▸ YOUR INSTRUCTIONS: Each line of the material must reappear unchanged in the answer.
======
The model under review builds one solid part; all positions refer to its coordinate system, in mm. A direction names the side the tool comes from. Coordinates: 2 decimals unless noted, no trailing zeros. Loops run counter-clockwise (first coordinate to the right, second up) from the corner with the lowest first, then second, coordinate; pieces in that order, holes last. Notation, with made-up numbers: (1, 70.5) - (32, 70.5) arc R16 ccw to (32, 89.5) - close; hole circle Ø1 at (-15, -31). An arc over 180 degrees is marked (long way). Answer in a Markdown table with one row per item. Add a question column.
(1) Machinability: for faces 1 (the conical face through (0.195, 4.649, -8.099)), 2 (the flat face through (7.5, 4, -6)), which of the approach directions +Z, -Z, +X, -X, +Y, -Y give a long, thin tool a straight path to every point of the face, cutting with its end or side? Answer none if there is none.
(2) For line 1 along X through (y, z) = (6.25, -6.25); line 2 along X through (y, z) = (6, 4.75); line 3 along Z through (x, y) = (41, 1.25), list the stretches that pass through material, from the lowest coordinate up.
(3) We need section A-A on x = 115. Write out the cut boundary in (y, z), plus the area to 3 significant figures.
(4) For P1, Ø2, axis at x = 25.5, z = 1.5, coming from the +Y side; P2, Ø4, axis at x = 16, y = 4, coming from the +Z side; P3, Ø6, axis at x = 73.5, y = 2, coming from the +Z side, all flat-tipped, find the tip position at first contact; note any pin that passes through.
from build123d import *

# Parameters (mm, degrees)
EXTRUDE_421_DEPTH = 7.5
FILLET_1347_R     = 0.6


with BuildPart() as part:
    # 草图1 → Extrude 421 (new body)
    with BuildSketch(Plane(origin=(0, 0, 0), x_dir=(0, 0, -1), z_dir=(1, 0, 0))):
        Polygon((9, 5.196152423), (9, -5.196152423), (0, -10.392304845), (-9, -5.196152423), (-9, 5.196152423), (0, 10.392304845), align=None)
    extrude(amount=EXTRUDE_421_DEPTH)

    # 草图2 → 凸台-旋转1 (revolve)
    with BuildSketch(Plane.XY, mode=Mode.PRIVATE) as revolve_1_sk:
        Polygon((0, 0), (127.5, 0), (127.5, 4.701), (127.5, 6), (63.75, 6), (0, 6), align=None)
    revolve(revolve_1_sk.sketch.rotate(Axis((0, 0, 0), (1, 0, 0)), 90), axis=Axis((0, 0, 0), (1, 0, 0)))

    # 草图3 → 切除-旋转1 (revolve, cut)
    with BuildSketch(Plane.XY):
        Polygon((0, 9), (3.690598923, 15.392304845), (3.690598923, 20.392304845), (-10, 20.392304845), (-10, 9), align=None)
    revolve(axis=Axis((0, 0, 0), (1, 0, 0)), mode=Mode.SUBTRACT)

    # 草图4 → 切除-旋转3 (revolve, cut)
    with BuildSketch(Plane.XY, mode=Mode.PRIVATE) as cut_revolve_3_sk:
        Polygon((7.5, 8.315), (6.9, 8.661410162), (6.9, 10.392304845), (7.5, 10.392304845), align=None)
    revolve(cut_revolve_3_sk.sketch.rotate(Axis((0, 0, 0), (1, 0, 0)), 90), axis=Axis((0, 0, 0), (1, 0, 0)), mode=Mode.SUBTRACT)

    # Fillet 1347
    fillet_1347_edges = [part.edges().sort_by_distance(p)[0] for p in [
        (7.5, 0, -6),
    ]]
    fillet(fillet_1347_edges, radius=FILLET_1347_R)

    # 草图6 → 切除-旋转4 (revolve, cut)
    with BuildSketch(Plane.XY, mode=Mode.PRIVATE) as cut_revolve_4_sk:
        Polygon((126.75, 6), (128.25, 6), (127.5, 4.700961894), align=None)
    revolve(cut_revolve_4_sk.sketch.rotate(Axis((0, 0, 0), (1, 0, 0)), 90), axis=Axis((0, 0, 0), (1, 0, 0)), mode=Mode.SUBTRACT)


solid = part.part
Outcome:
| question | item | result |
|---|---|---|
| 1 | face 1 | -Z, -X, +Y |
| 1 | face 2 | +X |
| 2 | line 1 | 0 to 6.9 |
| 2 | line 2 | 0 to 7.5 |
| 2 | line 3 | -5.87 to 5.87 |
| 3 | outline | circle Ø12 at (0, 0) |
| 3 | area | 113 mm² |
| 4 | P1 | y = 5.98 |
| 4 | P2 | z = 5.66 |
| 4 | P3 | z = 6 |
======
▸ RESULT OF THIS TASK:
The model under review builds one solid part; all positions refer to its coordinate system, in mm. A direction names the side the tool comes from. Coordinates: 2 decimals unless noted, no trailing zeros. Loops run counter-clockwise (first coordinate to the right, second up) from the corner with the lowest first, then second, coordinate; pieces in that order, holes last. Notation, with made-up numbers: (1, 70.5) - (32, 70.5) arc R16 ccw to (32, 89.5) - close; hole circle Ø1 at (-15, -31). An arc over 180 degrees is marked (long way). Answer in a Markdown table with one row per item. Add a question column.
(1) Machinability: for faces 1 (the conical face through (0.195, 4.649, -8.099)), 2 (the flat face through (7.5, 4, -6)), which of the approach directions +Z, -Z, +X, -X, +Y, -Y give a long, thin tool a straight path to every point of the face, cutting with its end or side? Answer none if there is none.
(2) For line 1 along X through (y, z) = (6.25, -6.25); line 2 along X through (y, z) = (6, 4.75); line 3 along Z through (x, y) = (41, 1.25), list the stretches that pass through material, from the lowest coordinate up.
(3) We need section A-A on x = 115. Write out the cut boundary in (y, z), plus the area to 3 significant figures.
(4) For P1, Ø2, axis at x = 25.5, z = 1.5, coming from the +Y side; P2, Ø4, axis at x = 16, y = 4, coming from the +Z side; P3, Ø6, axis at x = 73.5, y = 2, coming from the +Z side, all flat-tipped, find the tip position at first contact; note any pin that passes through.
from build123d import *

# Parameters (mm, degrees)
EXTRUDE_421_DEPTH = 7.5
FILLET_1347_R     = 0.6


with BuildPart() as part:
    # 草图1 → Extrude 421 (new body)
    with BuildSketch(Plane(origin=(0, 0, 0), x_dir=(0, 0, -1), z_dir=(1, 0, 0))):
        Polygon((9, 5.196152423), (9, -5.196152423), (0, -10.392304845), (-9, -5.196152423), (-9, 5.196152423), (0, 10.392304845), align=None)
    extrude(amount=EXTRUDE_421_DEPTH)

    # 草图2 → 凸台-旋转1 (revolve)
    with BuildSketch(Plane.XY, mode=Mode.PRIVATE) as revolve_1_sk:
        Polygon((0, 0), (127.5, 0), (127.5, 4.701), (127.5, 6), (63.75, 6), (0, 6), align=None)
    revolve(revolve_1_sk.sketch.rotate(Axis((0, 0, 0), (1, 0, 0)), 90), axis=Axis((0, 0, 0), (1, 0, 0)))

    # 草图3 → 切除-旋转1 (revolve, cut)
    with BuildSketch(Plane.XY):
        Polygon((0, 9), (3.690598923, 15.392304845), (3.690598923, 20.392304845), (-10, 20.392304845), (-10, 9), align=None)
    revolve(axis=Axis((0, 0, 0), (1, 0, 0)), mode=Mode.SUBTRACT)

    # 草图4 → 切除-旋转3 (revolve, cut)
    with BuildSketch(Plane.XY, mode=Mode.PRIVATE) as cut_revolve_3_sk:
        Polygon((7.5, 8.315), (6.9, 8.661410162), (6.9, 10.392304845), (7.5, 10.392304845), align=None)
    revolve(cut_revolve_3_sk.sketch.rotate(Axis((0, 0, 0), (1, 0, 0)), 90), axis=Axis((0, 0, 0), (1, 0, 0)), mode=Mode.SUBTRACT)

    # Fillet 1347
    fillet_1347_edges = [part.edges().sort_by_distance(p)[0] for p in [
        (7.5, 0, -6),
    ]]
    fillet(fillet_1347_edges, radius=FILLET_1347_R)

    # 草图6 → 切除-旋转4 (revolve, cut)
    with BuildSketch(Plane.XY, mode=Mode.PRIVATE) as cut_revolve_4_sk:
        Polygon((126.75, 6), (128.25, 6), (127.5, 4.700961894), align=None)
    revolve(cut_revolve_4_sk.sketch.rotate(Axis((0, 0, 0), (1, 0, 0)), 90), axis=Axis((0, 0, 0), (1, 0, 0)), mode=Mode.SUBTRACT)


solid = part.part
Outcome:
| question | item | result |
|---|---|---|
| 1 | face 1 | -Z, -X, +Y |
| 1 | face 2 | +X |
| 2 | line 1 | 0 to 6.9 |
| 2 | line 2 | 0 to 7.5 |
| 2 | line 3 | -5.87 to 5.87 |
| 3 | outline | circle Ø12 at (0, 0) |
| 3 | area | 113 mm² |
| 4 | P1 | y = 5.98 |
| 4 | P2 | z = 5.66 |
| 4 | P3 | z = 6 |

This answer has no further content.